* DIRECTIONS
What is needed is an exact copy of the lines in the listing below, from the one with "(0, 2)], close=True)" up to and including the one with "blk = doc.blocks.new('*D19')", with no other lines.

[EXCERPTED DATA — start]

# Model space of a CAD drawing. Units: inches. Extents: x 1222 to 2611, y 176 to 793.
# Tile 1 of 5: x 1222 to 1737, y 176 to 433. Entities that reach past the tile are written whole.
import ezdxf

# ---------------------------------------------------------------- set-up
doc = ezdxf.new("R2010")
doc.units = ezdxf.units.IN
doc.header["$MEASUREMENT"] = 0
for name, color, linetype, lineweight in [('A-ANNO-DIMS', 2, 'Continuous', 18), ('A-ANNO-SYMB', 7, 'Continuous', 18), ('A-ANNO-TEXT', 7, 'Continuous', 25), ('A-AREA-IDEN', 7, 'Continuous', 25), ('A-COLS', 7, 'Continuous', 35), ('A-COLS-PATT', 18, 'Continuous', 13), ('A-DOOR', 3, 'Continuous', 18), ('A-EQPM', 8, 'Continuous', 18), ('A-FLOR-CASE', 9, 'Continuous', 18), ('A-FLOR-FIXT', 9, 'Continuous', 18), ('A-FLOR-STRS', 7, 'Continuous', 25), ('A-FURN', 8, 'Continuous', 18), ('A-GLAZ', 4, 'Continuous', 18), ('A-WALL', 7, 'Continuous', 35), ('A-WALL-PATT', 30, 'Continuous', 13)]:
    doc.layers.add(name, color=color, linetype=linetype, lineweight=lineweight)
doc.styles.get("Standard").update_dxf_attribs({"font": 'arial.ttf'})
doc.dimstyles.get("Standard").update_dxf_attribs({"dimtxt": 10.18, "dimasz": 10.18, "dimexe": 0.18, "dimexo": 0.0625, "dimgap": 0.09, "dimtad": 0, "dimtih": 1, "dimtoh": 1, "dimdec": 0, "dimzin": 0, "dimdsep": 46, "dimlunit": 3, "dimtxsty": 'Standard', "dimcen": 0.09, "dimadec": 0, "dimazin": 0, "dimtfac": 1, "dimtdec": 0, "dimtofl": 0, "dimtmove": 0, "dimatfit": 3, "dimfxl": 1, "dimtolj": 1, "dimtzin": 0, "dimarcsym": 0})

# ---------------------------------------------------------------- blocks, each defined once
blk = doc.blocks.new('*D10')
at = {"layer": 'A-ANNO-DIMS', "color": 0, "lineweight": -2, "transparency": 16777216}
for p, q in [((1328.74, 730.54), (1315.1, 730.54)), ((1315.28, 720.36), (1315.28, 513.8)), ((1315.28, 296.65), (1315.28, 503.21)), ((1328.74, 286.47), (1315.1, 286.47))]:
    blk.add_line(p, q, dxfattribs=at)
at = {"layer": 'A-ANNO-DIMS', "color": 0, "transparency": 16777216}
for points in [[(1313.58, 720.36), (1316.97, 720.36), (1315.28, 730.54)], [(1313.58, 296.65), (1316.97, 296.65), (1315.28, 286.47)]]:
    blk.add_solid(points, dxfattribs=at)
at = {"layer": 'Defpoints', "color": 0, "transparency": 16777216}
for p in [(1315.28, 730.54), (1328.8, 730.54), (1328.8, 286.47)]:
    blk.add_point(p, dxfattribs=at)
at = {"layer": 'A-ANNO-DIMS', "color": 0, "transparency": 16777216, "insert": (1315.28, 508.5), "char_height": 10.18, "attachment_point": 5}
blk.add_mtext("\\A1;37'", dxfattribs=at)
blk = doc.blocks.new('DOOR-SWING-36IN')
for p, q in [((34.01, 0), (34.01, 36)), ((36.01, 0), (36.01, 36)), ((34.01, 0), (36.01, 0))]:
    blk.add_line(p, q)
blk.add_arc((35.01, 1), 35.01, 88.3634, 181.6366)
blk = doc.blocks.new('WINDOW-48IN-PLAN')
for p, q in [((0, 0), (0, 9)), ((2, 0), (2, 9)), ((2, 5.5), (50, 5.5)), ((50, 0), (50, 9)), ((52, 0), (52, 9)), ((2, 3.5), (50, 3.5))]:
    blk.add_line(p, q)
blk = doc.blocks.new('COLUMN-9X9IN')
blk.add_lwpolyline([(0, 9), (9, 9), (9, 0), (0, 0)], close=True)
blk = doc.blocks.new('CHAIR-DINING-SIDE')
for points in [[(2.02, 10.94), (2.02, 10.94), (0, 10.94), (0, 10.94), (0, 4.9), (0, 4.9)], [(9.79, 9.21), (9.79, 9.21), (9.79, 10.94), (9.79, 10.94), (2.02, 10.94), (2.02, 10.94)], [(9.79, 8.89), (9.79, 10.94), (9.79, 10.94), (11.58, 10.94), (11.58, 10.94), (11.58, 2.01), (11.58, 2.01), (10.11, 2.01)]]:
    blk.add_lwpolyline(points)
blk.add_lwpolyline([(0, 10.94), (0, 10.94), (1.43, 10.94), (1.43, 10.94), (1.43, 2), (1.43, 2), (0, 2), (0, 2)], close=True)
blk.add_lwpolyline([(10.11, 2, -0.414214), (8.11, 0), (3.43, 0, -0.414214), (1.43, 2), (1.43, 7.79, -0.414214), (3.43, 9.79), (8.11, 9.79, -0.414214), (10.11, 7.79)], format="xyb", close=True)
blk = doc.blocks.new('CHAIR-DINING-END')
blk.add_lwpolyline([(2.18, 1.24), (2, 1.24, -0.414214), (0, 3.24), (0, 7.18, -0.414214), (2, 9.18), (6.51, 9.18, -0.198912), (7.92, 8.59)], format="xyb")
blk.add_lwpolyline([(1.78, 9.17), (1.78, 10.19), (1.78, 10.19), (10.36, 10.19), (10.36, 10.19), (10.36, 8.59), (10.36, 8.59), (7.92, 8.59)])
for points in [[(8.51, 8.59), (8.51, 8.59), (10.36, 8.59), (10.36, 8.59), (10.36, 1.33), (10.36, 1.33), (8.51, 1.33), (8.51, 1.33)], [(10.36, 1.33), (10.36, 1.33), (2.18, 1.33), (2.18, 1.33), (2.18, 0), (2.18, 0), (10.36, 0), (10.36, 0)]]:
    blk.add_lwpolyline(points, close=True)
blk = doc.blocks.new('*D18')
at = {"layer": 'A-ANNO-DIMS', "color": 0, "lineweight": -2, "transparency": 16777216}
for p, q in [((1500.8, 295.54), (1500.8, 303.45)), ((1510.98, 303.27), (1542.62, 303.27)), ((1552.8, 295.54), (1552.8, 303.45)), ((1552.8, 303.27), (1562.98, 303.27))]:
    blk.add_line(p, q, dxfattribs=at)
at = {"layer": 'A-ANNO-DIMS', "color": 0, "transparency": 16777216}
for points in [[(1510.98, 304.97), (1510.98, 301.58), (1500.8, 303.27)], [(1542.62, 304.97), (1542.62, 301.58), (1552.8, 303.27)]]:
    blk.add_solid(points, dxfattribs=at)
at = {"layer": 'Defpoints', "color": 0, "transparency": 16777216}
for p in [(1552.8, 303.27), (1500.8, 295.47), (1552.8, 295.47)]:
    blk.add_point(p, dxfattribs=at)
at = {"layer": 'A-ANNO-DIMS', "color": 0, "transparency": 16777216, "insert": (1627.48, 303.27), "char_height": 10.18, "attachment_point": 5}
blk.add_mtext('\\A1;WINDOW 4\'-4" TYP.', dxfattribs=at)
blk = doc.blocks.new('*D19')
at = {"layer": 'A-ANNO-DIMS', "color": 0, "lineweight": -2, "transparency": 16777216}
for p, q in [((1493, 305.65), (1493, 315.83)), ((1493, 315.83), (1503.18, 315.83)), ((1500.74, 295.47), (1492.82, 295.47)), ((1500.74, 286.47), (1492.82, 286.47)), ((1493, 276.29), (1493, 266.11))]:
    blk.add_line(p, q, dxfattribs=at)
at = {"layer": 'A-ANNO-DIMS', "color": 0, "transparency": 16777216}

[EXCERPTED DATA — finish]

* WRITTEN REPLY
blk.add_lwpolyline([(0, 10.94), (0, 10.94), (1.43, 10.94), (1.43, 10.94), (1.43, 2), (1.43, 2), (0, 2), (0, 2)], close=True)
blk.add_lwpolyline([(10.11, 2, -0.414214), (8.11, 0), (3.43, 0, -0.414214), (1.43, 2), (1.43, 7.79, -0.414214), (3.43, 9.79), (8.11, 9.79, -0.414214), (10.11, 7.79)], format="xyb", close=True)
blk = doc.blocks.new('CHAIR-DINING-END')
blk.add_lwpolyline([(2.18, 1.24), (2, 1.24, -0.414214), (0, 3.24), (0, 7.18, -0.414214), (2, 9.18), (6.51, 9.18, -0.198912), (7.92, 8.59)], format="xyb")
blk.add_lwpolyline([(1.78, 9.17), (1.78, 10.19), (1.78, 10.19), (10.36, 10.19), (10.36, 10.19), (10.36, 8.59), (10.36, 8.59), (7.92, 8.59)])
for points in [[(8.51, 8.59), (8.51, 8.59), (10.36, 8.59), (10.36, 8.59), (10.36, 1.33), (10.36, 1.33), (8.51, 1.33), (8.51, 1.33)], [(10.36, 1.33), (10.36, 1.33), (2.18, 1.33), (2.18, 1.33), (2.18, 0), (2.18, 0), (10.36, 0), (10.36, 0)]]:
    blk.add_lwpolyline(points, close=True)
blk = doc.blocks.new('*D18')
at = {"layer": 'A-ANNO-DIMS', "color": 0, "lineweight": -2, "transparency": 16777216}
for p, q in [((1500.8, 295.54), (1500.8, 303.45)), ((1510.98, 303.27), (1542.62, 303.27)), ((1552.8, 295.54), (1552.8, 303.45)), ((1552.8, 303.27), (1562.98, 303.27))]:
    blk.add_line(p, q, dxfattribs=at)
at = {"layer": 'A-ANNO-DIMS', "color": 0, "transparency": 16777216}
for points in [[(1510.98, 304.97), (1510.98, 301.58), (1500.8, 303.27)], [(1542.62, 304.97), (1542.62, 301.58), (1552.8, 303.27)]]:
    blk.add_solid(points, dxfattribs=at)
at = {"layer": 'Defpoints', "color": 0, "transparency": 16777216}
for p in [(1552.8, 303.27), (1500.8, 295.47), (1552.8, 295.47)]:
    blk.add_point(p, dxfattribs=at)
at = {"layer": 'A-ANNO-DIMS', "color": 0, "transparency": 16777216, "insert": (1627.48, 303.27), "char_height": 10.18, "attachment_point": 5}
blk.add_mtext('\\A1;WINDOW 4\'-4" TYP.', dxfattribs=at)
blk = doc.blocks.new('*D19')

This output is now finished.